An exact copy of the entries is required, excluding any pictures.

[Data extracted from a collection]
****

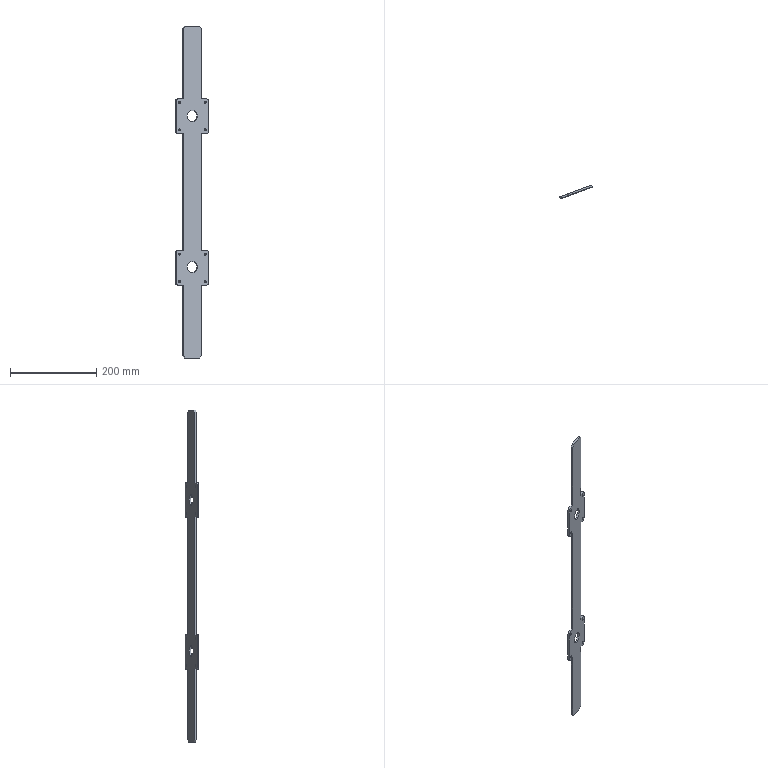Component | SolidWorks | 03-02MotorBracket1-1 | 1 solid | 54 faces | volume 155753 mm3 | cylinder 28 | plane 26 | commonest cylinder face diameters 5 x16 10 x8 26 x4 | material Q235
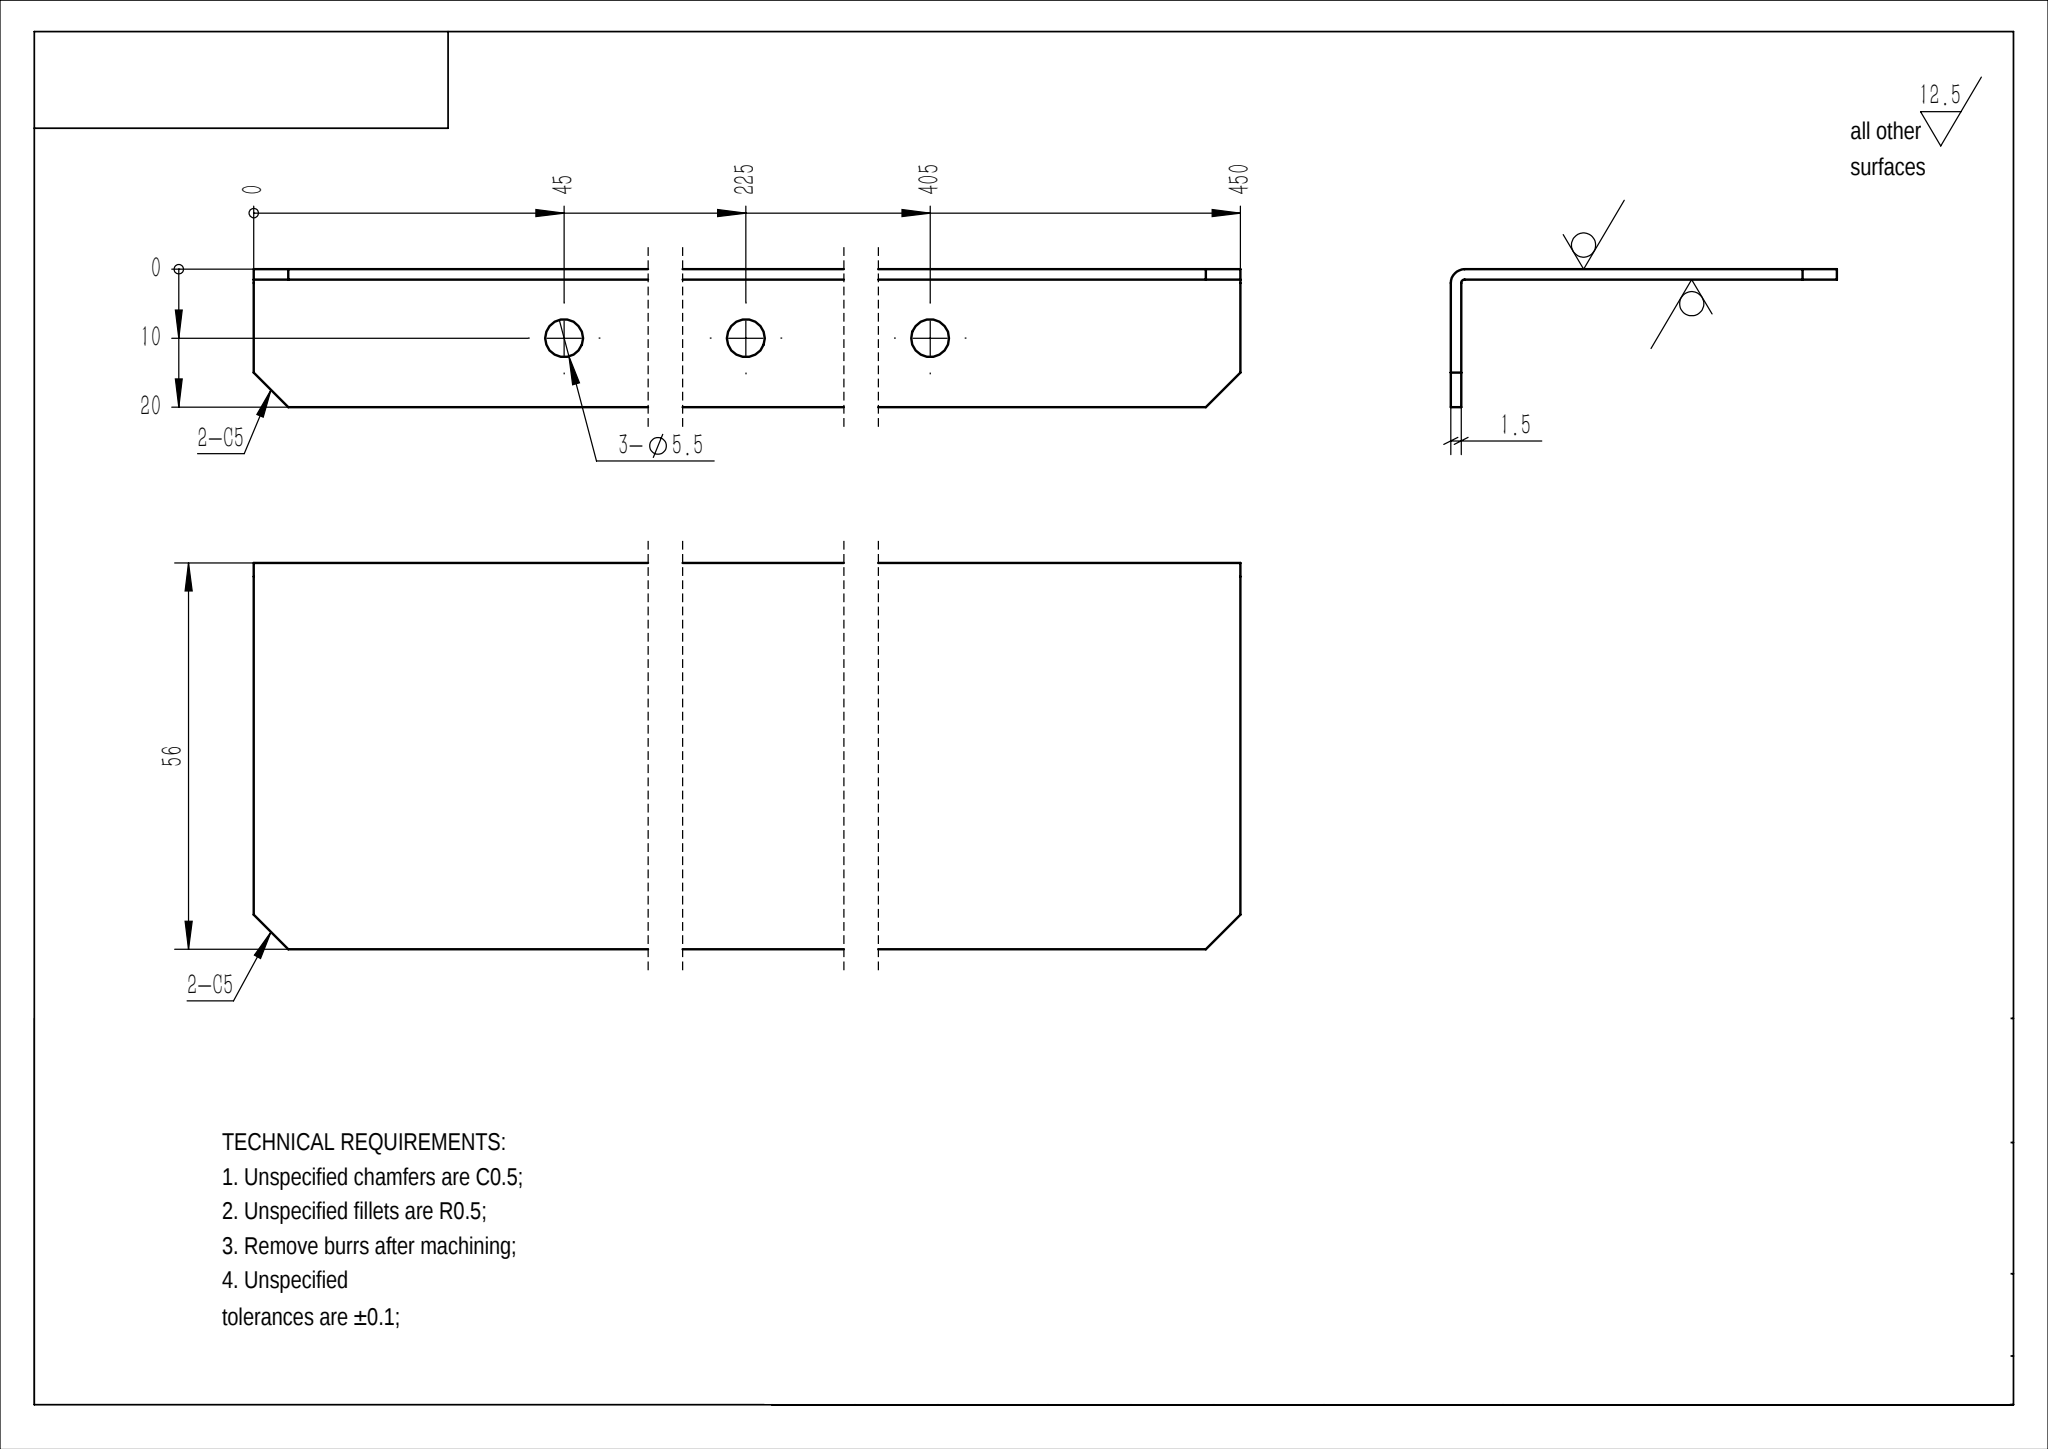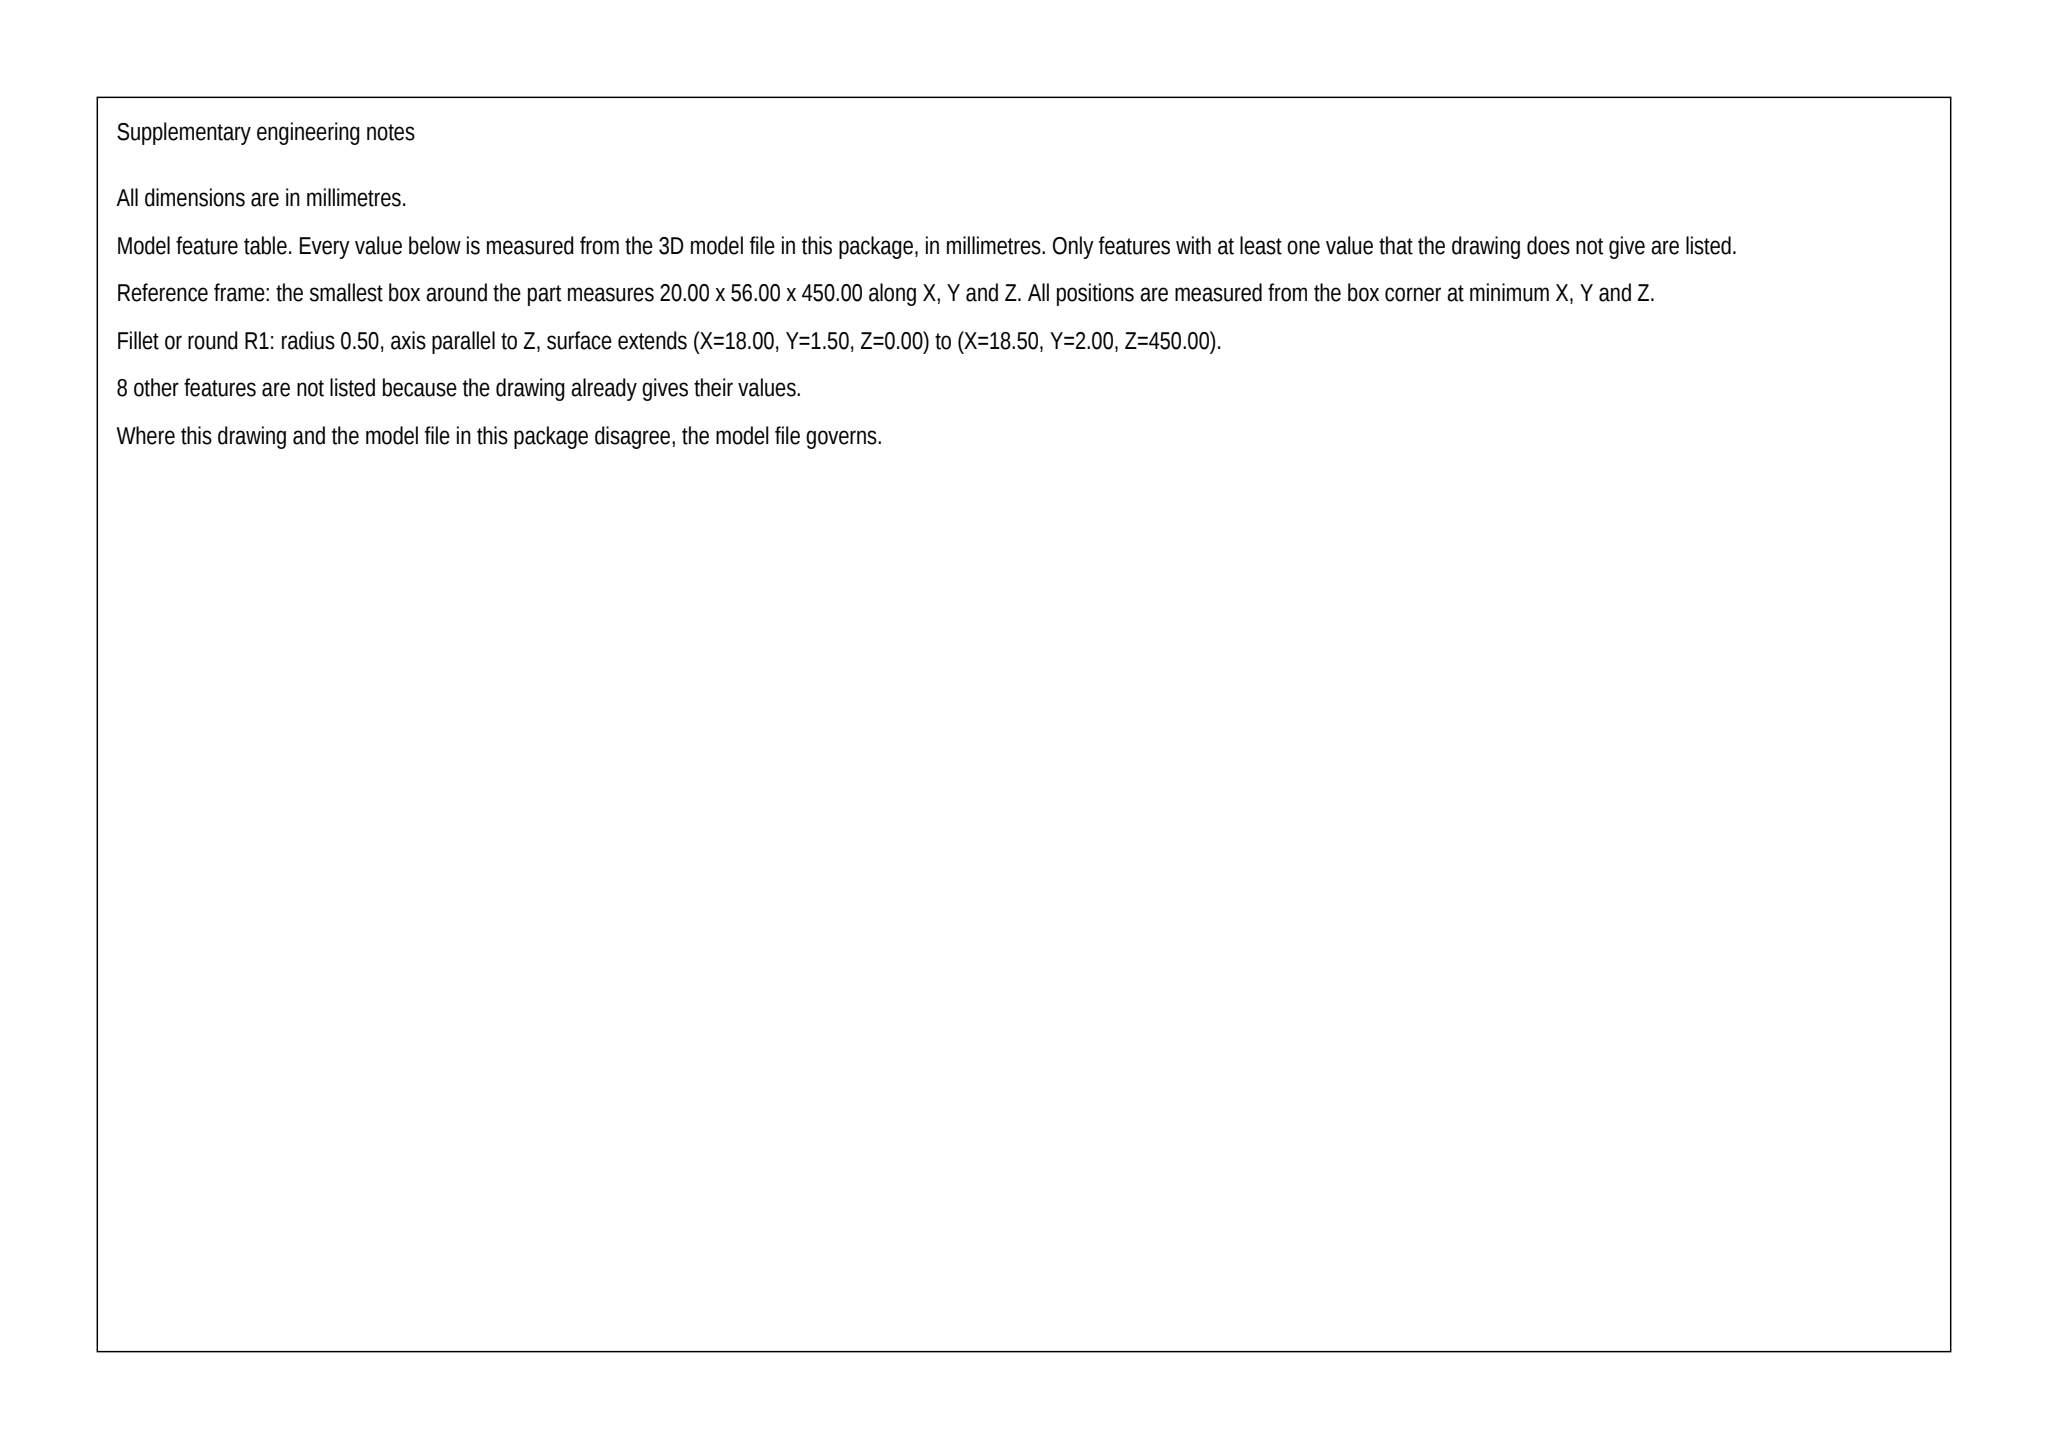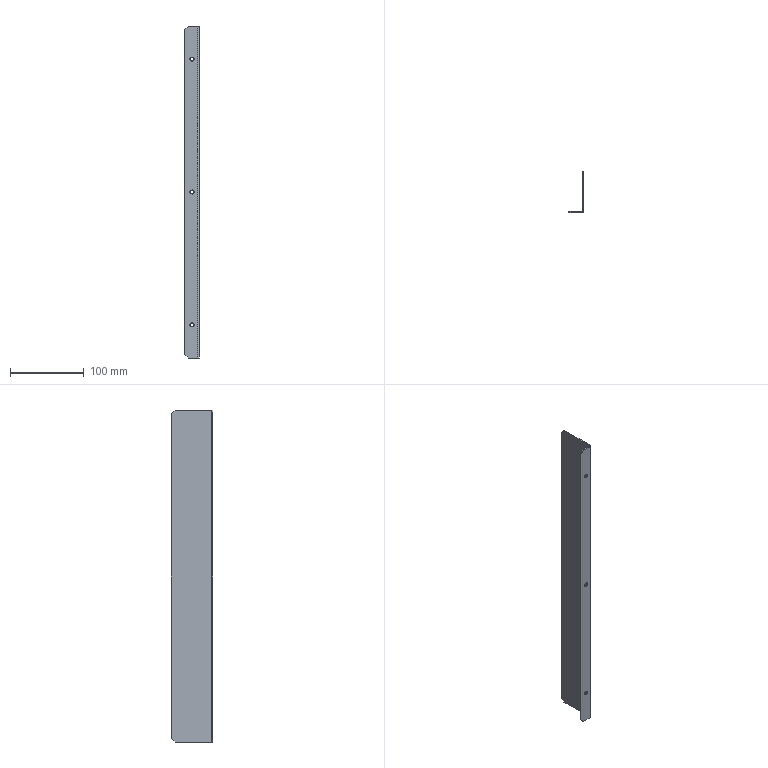Part | SolidWorks | mm | 1 solid | 24 faces | box 20 x 56 x 450 mm | volume 49743 mm3 | plane 16 | cylinder 8 | commonest cylinder face diameters 5.5 x6 1 x1 4 x1
STEP:
#1=CARTESIAN_POINT('',(-8.5,-1.5,-2.75));
#2=VERTEX_POINT('',#1);
#3=CARTESIAN_POINT('',(-8.5,-1.5,2.75));
#4=VERTEX_POINT('',#3);
#5=CARTESIAN_POINT('',(-8.5,-1.5,0.));
#6=DIRECTION('',(0.,1.,0.));
#7=DIRECTION('',(0.,0.,1.));
#8=AXIS2_PLACEMENT_3D('',#5,#6,#7);
#9=CIRCLE('',#8,2.75);
#10=EDGE_CURVE('',#2,#4,#9,.T.);
#11=ORIENTED_EDGE('',*,*,#10,.F.);
#12=CARTESIAN_POINT('',(-8.5,0.,-2.75));
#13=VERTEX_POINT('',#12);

****

> Answer to this task:
Component | SolidWorks | 03-02MotorBracket1-1 | 1 solid | 54 faces | volume 155753 mm3 | cylinder 28 | plane 26 | commonest cylinder face diameters 5 x16 10 x8 26 x4 | material Q235
Part | SolidWorks | mm | 1 solid | 24 faces | box 20 x 56 x 450 mm | volume 49743 mm3 | plane 16 | cylinder 8 | commonest cylinder face diameters 5.5 x6 1 x1 4 x1
STEP:
#1=CARTESIAN_POINT('',(-8.5,-1.5,-2.75));
#2=VERTEX_POINT('',#1);
#3=CARTESIAN_POINT('',(-8.5,-1.5,2.75));
#4=VERTEX_POINT('',#3);
#5=CARTESIAN_POINT('',(-8.5,-1.5,0.));
#6=DIRECTION('',(0.,1.,0.));
#7=DIRECTION('',(0.,0.,1.));
#8=AXIS2_PLACEMENT_3D('',#5,#6,#7);
#9=CIRCLE('',#8,2.75);
#10=EDGE_CURVE('',#2,#4,#9,.T.);
#11=ORIENTED_EDGE('',*,*,#10,.F.);
#12=CARTESIAN_POINT('',(-8.5,0.,-2.75));
#13=VERTEX_POINT('',#12);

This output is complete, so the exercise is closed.